Entries supplied ::
**********

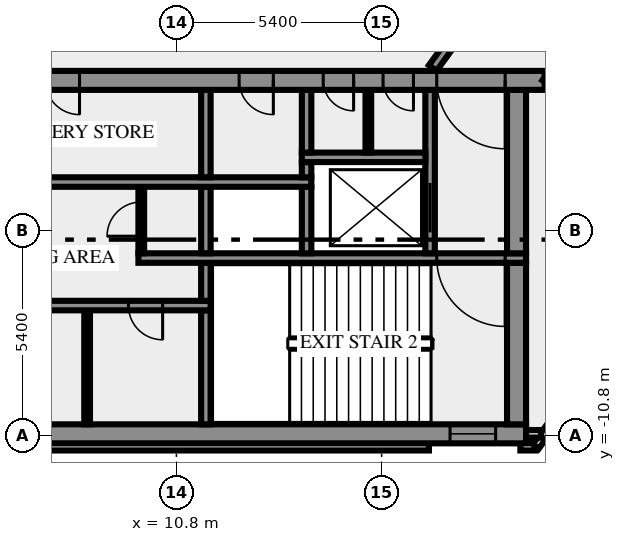
"""IFC4 building model, lengths in metres.
Left out: names, types, materials, properties, quantities, classifications, styles, units other than length and angle.
Written with IfcOpenShell. Run it as: python <this file> out.ifc"""

import sys

from ifc_helpers import new_model, si_unit, direction, frame, frame_2d, origin, place, context, subcontext, project, spatial, rectangle, extrude, element, fill, save


model = new_model("IFC4")
c1 = context("Model", 3, precision=1e-05, world=origin(), true_north=direction((0.0, 1.0)))
c2 = subcontext(c1, "Body", "Model", "MODEL_VIEW")
j1 = project(units=[si_unit("LENGTHUNIT", "METRE"), si_unit("PLANEANGLEUNIT", "RADIAN")], contexts=[c1])
p1 = place(None, origin())
s1 = spatial("IfcSite", under=j1, at=p1, CompositionType="ELEMENT")
p2 = place(p1, origin())
s2 = spatial("IfcBuilding", under=s1, at=p2, CompositionType="ELEMENT")
p3 = place(p2, frame((0.0, 0.0, 307.0)))
s3 = spatial("IfcBuildingStorey", under=s2, at=p3, CompositionType="ELEMENT", Elevation=307.0)
p4 = place(p3, frame((-17.444, -11.088, 0.0), z_axis=(0.0, 0.0, 1.0), x_axis=(1.0, 0.0, 0.0)))
e1 = element("IfcWall", 1, at=p4, inside=s3, PredefinedType="SOLIDWALL", context=c2, shape_type="SweptSolid", body=[
    extrude(rectangle(XDim=34.888, YDim=0.2, at=frame_2d((17.444, 0.0))), origin(), (0.0, 0.0, 1.0), 3.65),
])
p5 = place(p3, frame((19.85, -11.088, 0.0), z_axis=(0.0, 0.0, 1.0), x_axis=(1.0, 0.0, 0.0)))
e2 = element("IfcWall", 2, at=p5, inside=s3, PredefinedType="SOLIDWALL", context=c2, shape_type="SweptSolid", body=[
    extrude(rectangle(XDim=0.406, YDim=0.2, at=frame_2d((0.203, 0.0))), origin(), (0.0, 0.0, 1.0), 3.65),
])
p6 = place(p3, frame((20.253, -11.083, 0.0), z_axis=(0.0, 0.0, 1.0), x_axis=(0.587766567315, 0.809030569476, 0.0)))
e3 = element("IfcWall", 3, at=p6, inside=s3, PredefinedType="SOLIDWALL", context=c2, shape_type="SweptSolid", body=[
    extrude(rectangle(XDim=2.688, YDim=0.2, at=frame_2d((1.344, 0.0))), origin(), (0.0, 0.0, 1.0), 3.65),
])
p7 = place(p3, frame((19.98, -10.75, 0.0), z_axis=(0.0, 0.0, 1.0), x_axis=(1.0, 0.0, 0.0)))
e4 = element("IfcWall", 4, at=p7, inside=s3, PredefinedType="SOLIDWALL", context=c2, shape_type="SweptSolid", body=[
    extrude(rectangle(XDim=0.417, YDim=0.2, at=frame_2d((0.208, 0.0))), origin(), (0.0, 0.0, 1.0), 3.65),
])
p8 = place(p3, frame((-20.0, -10.75, 0.0), z_axis=(0.0, 0.0, 1.0), x_axis=(1.0, 0.0, 0.0)))
e5 = element("IfcWall", 5, at=p8, inside=s3, PredefinedType="SHEAR", context=c2, shape_type="SweptSolid", body=[
    extrude(rectangle(XDim=40.0, YDim=0.5, at=frame_2d((20.0, 0.0))), origin(), (0.0, 0.0, 1.0), 3.65),
])
p9 = place(p8, frame((0.8, 0.0, 1.0)))
e6 = element("IfcOpeningElement", 6, at=p9, cuts=e5, PredefinedType="OPENING", context=c2, shape_type="SweptSolid", body=[
    extrude(rectangle(XDim=1.2, YDim=1.2, at=frame_2d((0.6, 0.6))), frame((0.0, 0.26, 0.0), z_axis=(0.0, -1.0, 0.0), x_axis=(1.0, 0.0, 0.0)), (0.0, 0.0, 1.0), 0.52),
])
p10 = place(p8, frame((38.0, 0.0, 1.0)))
e7 = element("IfcOpeningElement", 7, at=p10, cuts=e5, PredefinedType="OPENING", context=c2, shape_type="SweptSolid", body=[
    extrude(rectangle(XDim=1.2, YDim=1.2, at=frame_2d((0.6, 0.6))), frame((0.0, 0.26, 0.0), z_axis=(0.0, -1.0, 0.0), x_axis=(1.0, 0.0, 0.0)), (0.0, 0.0, 1.0), 0.52),
])
p11 = place(p3, frame((8.45, -10.5, 0.0), z_axis=(0.0, 0.0, 1.0), x_axis=(0.0, 1.0, 0.0)))
e8 = element("IfcWall", 8, at=p11, inside=s3, PredefinedType="PARTITIONING", context=c2, shape_type="SweptSolid", body=[
    extrude(rectangle(XDim=3.0, YDim=0.15, at=frame_2d((1.5, 0.0))), origin(), (0.0, 0.0, 1.0), 3.65),
])
p12 = place(p3, frame((11.575, -10.5, 0.0), z_axis=(0.0, 0.0, 1.0), x_axis=(0.0, 1.0, 0.0)))
e9 = element("IfcWall", 9, at=p12, inside=s3, PredefinedType="SHEAR", context=c2, shape_type="SweptSolid", body=[
    extrude(rectangle(XDim=3.0, YDim=0.25, at=frame_2d((1.5, 0.0))), origin(), (0.0, 0.0, 1.0), 3.65),
])
p13 = place(p3, frame((19.75, -10.5, 0.0), z_axis=(0.0, 0.0, 1.0), x_axis=(0.0, 1.0, 0.0)))
e10 = element("IfcWall", 10, at=p13, inside=s3, PredefinedType="SHEAR", context=c2, shape_type="SweptSolid", body=[
    extrude(rectangle(XDim=4.25, YDim=0.5, at=frame_2d((2.125, 0.0))), origin(), (0.0, 0.0, 1.0), 3.65),
])
p14 = place(p3, frame((11.7, -7.375, 0.0), z_axis=(0.0, 0.0, 1.0), x_axis=(-1.0, 0.0, 0.0)))
e11 = element("IfcWall", 11, at=p14, inside=s3, PredefinedType="SHEAR", context=c2, shape_type="SweptSolid", body=[
    extrude(rectangle(XDim=23.4, YDim=0.25, at=frame_2d((11.7, 0.0))), origin(), (0.0, 0.0, 1.0), 3.65),
])
p15 = place(p14, frame((22.225, 0.0, 0.0)))
e12 = element("IfcOpeningElement", 12, at=p15, cuts=e11, PredefinedType="OPENING", context=c2, shape_type="SweptSolid", body=[
    extrude(rectangle(XDim=0.8, YDim=2.1, at=frame_2d((0.4, 1.05))), frame((0.0, 0.135, 0.0), z_axis=(0.0, -1.0, 0.0), x_axis=(1.0, 0.0, 0.0)), (0.0, 0.0, 1.0), 0.27),
])
p16 = place(p14, frame((20.2, 0.0, 0.0)))
e13 = element("IfcOpeningElement", 13, at=p16, cuts=e11, PredefinedType="OPENING", context=c2, shape_type="SweptSolid", body=[
    extrude(rectangle(XDim=1.1, YDim=2.1, at=frame_2d((0.55, 1.05))), frame((0.0, 0.135, 0.0), z_axis=(0.0, -1.0, 0.0), x_axis=(1.0, 0.0, 0.0)), (0.0, 0.0, 1.0), 0.27),
])
p17 = place(p14, frame((17.7, 0.0, 0.0)))
e14 = element("IfcOpeningElement", 14, at=p17, cuts=e11, PredefinedType="OPENING", context=c2, shape_type="SweptSolid", body=[
    extrude(rectangle(XDim=1.1, YDim=2.1, at=frame_2d((0.55, 1.05))), frame((0.0, 0.135, 0.0), z_axis=(0.0, -1.0, 0.0), x_axis=(1.0, 0.0, 0.0)), (0.0, 0.0, 1.0), 0.27),
])
p18 = place(p14, frame((15.975, 0.0, 0.0)))
e15 = element("IfcOpeningElement", 15, at=p18, cuts=e11, PredefinedType="OPENING", context=c2, shape_type="SweptSolid", body=[
    extrude(rectangle(XDim=0.8, YDim=2.1, at=frame_2d((0.4, 1.05))), frame((0.0, 0.135, 0.0), z_axis=(0.0, -1.0, 0.0), x_axis=(1.0, 0.0, 0.0)), (0.0, 0.0, 1.0), 0.27),
])
p19 = place(p14, frame((14.65, 0.0, 0.0)))
e16 = element("IfcOpeningElement", 16, at=p19, cuts=e11, PredefinedType="OPENING", context=c2, shape_type="SweptSolid", body=[
    extrude(rectangle(XDim=0.8, YDim=2.1, at=frame_2d((0.4, 1.05))), frame((0.0, 0.135, 0.0), z_axis=(0.0, -1.0, 0.0), x_axis=(1.0, 0.0, 0.0)), (0.0, 0.0, 1.0), 0.27),
])
p20 = place(p14, frame((12.8, 0.0, 0.0)))
e17 = element("IfcOpeningElement", 17, at=p20, cuts=e11, PredefinedType="OPENING", context=c2, shape_type="SweptSolid", body=[
    extrude(rectangle(XDim=0.9, YDim=2.1, at=frame_2d((0.45, 1.05))), frame((0.0, 0.135, 0.0), z_axis=(0.0, -1.0, 0.0), x_axis=(1.0, 0.0, 0.0)), (0.0, 0.0, 1.0), 0.27),
])
p21 = place(p14, frame((10.7, 0.0, 0.0)))
e18 = element("IfcOpeningElement", 18, at=p21, cuts=e11, PredefinedType="OPENING", context=c2, shape_type="SweptSolid", body=[
    extrude(rectangle(XDim=0.9, YDim=2.1, at=frame_2d((0.45, 1.05))), frame((0.0, 0.135, 0.0), z_axis=(0.0, -1.0, 0.0), x_axis=(1.0, 0.0, 0.0)), (0.0, 0.0, 1.0), 0.27),
])
p22 = place(p14, frame((6.237, 0.0, 0.0)))
e19 = element("IfcOpeningElement", 19, at=p22, cuts=e11, PredefinedType="OPENING", context=c2, shape_type="SweptSolid", body=[
    extrude(rectangle(XDim=0.9, YDim=2.1, at=frame_2d((0.45, 1.05))), frame((0.0, 0.135, 0.0), z_axis=(0.0, -1.0, 0.0), x_axis=(1.0, 0.0, 0.0)), (0.0, 0.0, 1.0), 0.27),
])
p23 = place(p14, frame((1.263, 0.0, 0.0)))
e20 = element("IfcOpeningElement", 20, at=p23, cuts=e11, PredefinedType="OPENING", context=c2, shape_type="SweptSolid", body=[
    extrude(rectangle(XDim=0.9, YDim=2.1, at=frame_2d((0.45, 1.05))), frame((0.0, 0.135, 0.0), z_axis=(0.0, -1.0, 0.0), x_axis=(1.0, 0.0, 0.0)), (0.0, 0.0, 1.0), 0.27),
])
p24 = place(p3, frame((11.575, -7.25, 0.0), z_axis=(0.0, 0.0, 1.0), x_axis=(0.0, 1.0, 0.0)))
e21 = element("IfcWall", 21, at=p24, inside=s3, PredefinedType="SHEAR", context=c2, shape_type="SweptSolid", body=[
    extrude(rectangle(XDim=1.0, YDim=0.25, at=frame_2d((0.5, 0.0))), origin(), (0.0, 0.0, 1.0), 3.65),
])
p25 = place(p3, frame((20.0, -6.125, 0.0), z_axis=(0.0, 0.0, 1.0), x_axis=(-1.0, 0.0, 0.0)))
e22 = element("IfcWall", 22, at=p25, inside=s3, PredefinedType="SHEAR", context=c2, shape_type="SweptSolid", body=[
    extrude(rectangle(XDim=10.2, YDim=0.25, at=frame_2d((5.1, 0.0))), origin(), (0.0, 0.0, 1.0), 3.65),
])
p26 = place(p25, frame((0.55, 0.0, 0.0)))
e23 = element("IfcOpeningElement", 23, at=p26, cuts=e22, PredefinedType="OPENING", context=c2, shape_type="SweptSolid", body=[
    extrude(rectangle(XDim=1.8, YDim=2.1, at=frame_2d((0.9, 1.05))), frame((0.0, 0.135, 0.0), z_axis=(0.0, -1.0, 0.0), x_axis=(1.0, 0.0, 0.0)), (0.0, 0.0, 1.0), 0.27),
])
p27 = place(p3, frame((9.875, -6.0, 0.0), z_axis=(0.0, 0.0, 1.0), x_axis=(0.0, 1.0, 0.0)))
e24 = element("IfcWall", 24, at=p27, inside=s3, PredefinedType="PARTITIONING", context=c2, shape_type="SweptSolid", body=[
    extrude(rectangle(XDim=1.75, YDim=0.15, at=frame_2d((0.875, 0.0))), origin(), (0.0, 0.0, 1.0), 3.65),
])
p28 = place(p27, frame((0.45, 0.0, 0.0)))
e25 = element("IfcOpeningElement", 25, at=p28, cuts=e24, PredefinedType="OPENING", context=c2, shape_type="SweptSolid", body=[
    extrude(rectangle(XDim=0.9, YDim=2.1, at=frame_2d((0.45, 1.05))), frame((0.0, 0.085, 0.0), z_axis=(0.0, -1.0, 0.0), x_axis=(1.0, 0.0, 0.0)), (0.0, 0.0, 1.0), 0.17),
])
for number, where, z_axis, x_axis in (
    (26, (11.575, -6.0, 0.0), (0.0, 0.0, 1.0), (0.0, 1.0, 0.0)),
    (27, (14.225, -6.0, 0.0), (0.0, 0.0, 1.0), (0.0, 1.0, 0.0)),
):
    element("IfcWall", number, at=place(p3, frame(where, z_axis=z_axis, x_axis=x_axis)), inside=s3, PredefinedType="SHEAR", context=c2, shape_type="SweptSolid", body=[
        extrude(rectangle(XDim=1.75, YDim=0.25, at=frame_2d((0.875, 0.0))), origin(), (0.0, 0.0, 1.0), 3.65),
    ])
p29 = place(p3, frame((17.475, -6.0, 0.0), z_axis=(0.0, 0.0, 1.0), x_axis=(0.0, 1.0, 0.0)))
e28 = element("IfcWall", 28, at=p29, inside=s3, PredefinedType="SHEAR", context=c2, shape_type="SweptSolid", body=[
    extrude(rectangle(XDim=4.3, YDim=0.25, at=frame_2d((2.15, 0.0))), origin(), (0.0, 0.0, 1.0), 3.65),
])
p30 = place(p29, frame((0.55, 0.0, 0.0)))
e29 = element("IfcOpeningElement", 29, at=p30, cuts=e28, PredefinedType="OPENING", context=c2, shape_type="SweptSolid", body=[
    extrude(rectangle(XDim=1.3, YDim=2.1, at=frame_2d((0.65, 1.05))), frame((0.0, 0.135, 0.0), z_axis=(0.0, -1.0, 0.0), x_axis=(1.0, 0.0, 0.0)), (0.0, 0.0, 1.0), 0.27),
])
p31 = place(p3, frame((19.75, -6.0, 0.0), z_axis=(0.0, 0.0, 1.0), x_axis=(0.0, 1.0, 0.0)))
e30 = element("IfcWall", 30, at=p31, inside=s3, PredefinedType="SHEAR", context=c2, shape_type="SweptSolid", body=[
    extrude(rectangle(XDim=4.3, YDim=0.5, at=frame_2d((2.15, 0.0))), origin(), (0.0, 0.0, 1.0), 3.65),
])
p32 = place(p3, frame((-0.6, -4.125, 0.0), z_axis=(0.0, 0.0, 1.0), x_axis=(1.0, 0.0, 0.0)))
e31 = element("IfcWall", 31, at=p32, inside=s3, PredefinedType="SHEAR", context=c2, shape_type="SweptSolid", body=[
    extrude(rectangle(XDim=14.95, YDim=0.25, at=frame_2d((7.475, 0.0))), origin(), (0.0, 0.0, 1.0), 3.65),
])
p33 = place(p32, frame((2.75, 0.0, 0.0)))
e32 = element("IfcOpeningElement", 32, at=p33, cuts=e31, PredefinedType="OPENING", context=c2, shape_type="SweptSolid", body=[
    extrude(rectangle(XDim=1.3, YDim=2.1, at=frame_2d((0.65, 1.05))), frame((0.0, 0.135, 0.0), z_axis=(0.0, -1.0, 0.0), x_axis=(1.0, 0.0, 0.0)), (0.0, 0.0, 1.0), 0.27),
])
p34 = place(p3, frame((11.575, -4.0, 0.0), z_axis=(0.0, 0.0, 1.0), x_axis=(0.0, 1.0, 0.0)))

**********

Try it :: Copy each line of the data above that holds "SOLIDWALL".

Completed task ::
e1 = element("IfcWall", 1, at=p4, inside=s3, PredefinedType="SOLIDWALL", context=c2, shape_type="SweptSolid", body=[
e2 = element("IfcWall", 2, at=p5, inside=s3, PredefinedType="SOLIDWALL", context=c2, shape_type="SweptSolid", body=[
e3 = element("IfcWall", 3, at=p6, inside=s3, PredefinedType="SOLIDWALL", context=c2, shape_type="SweptSolid", body=[
e4 = element("IfcWall", 4, at=p7, inside=s3, PredefinedType="SOLIDWALL", context=c2, shape_type="SweptSolid", body=[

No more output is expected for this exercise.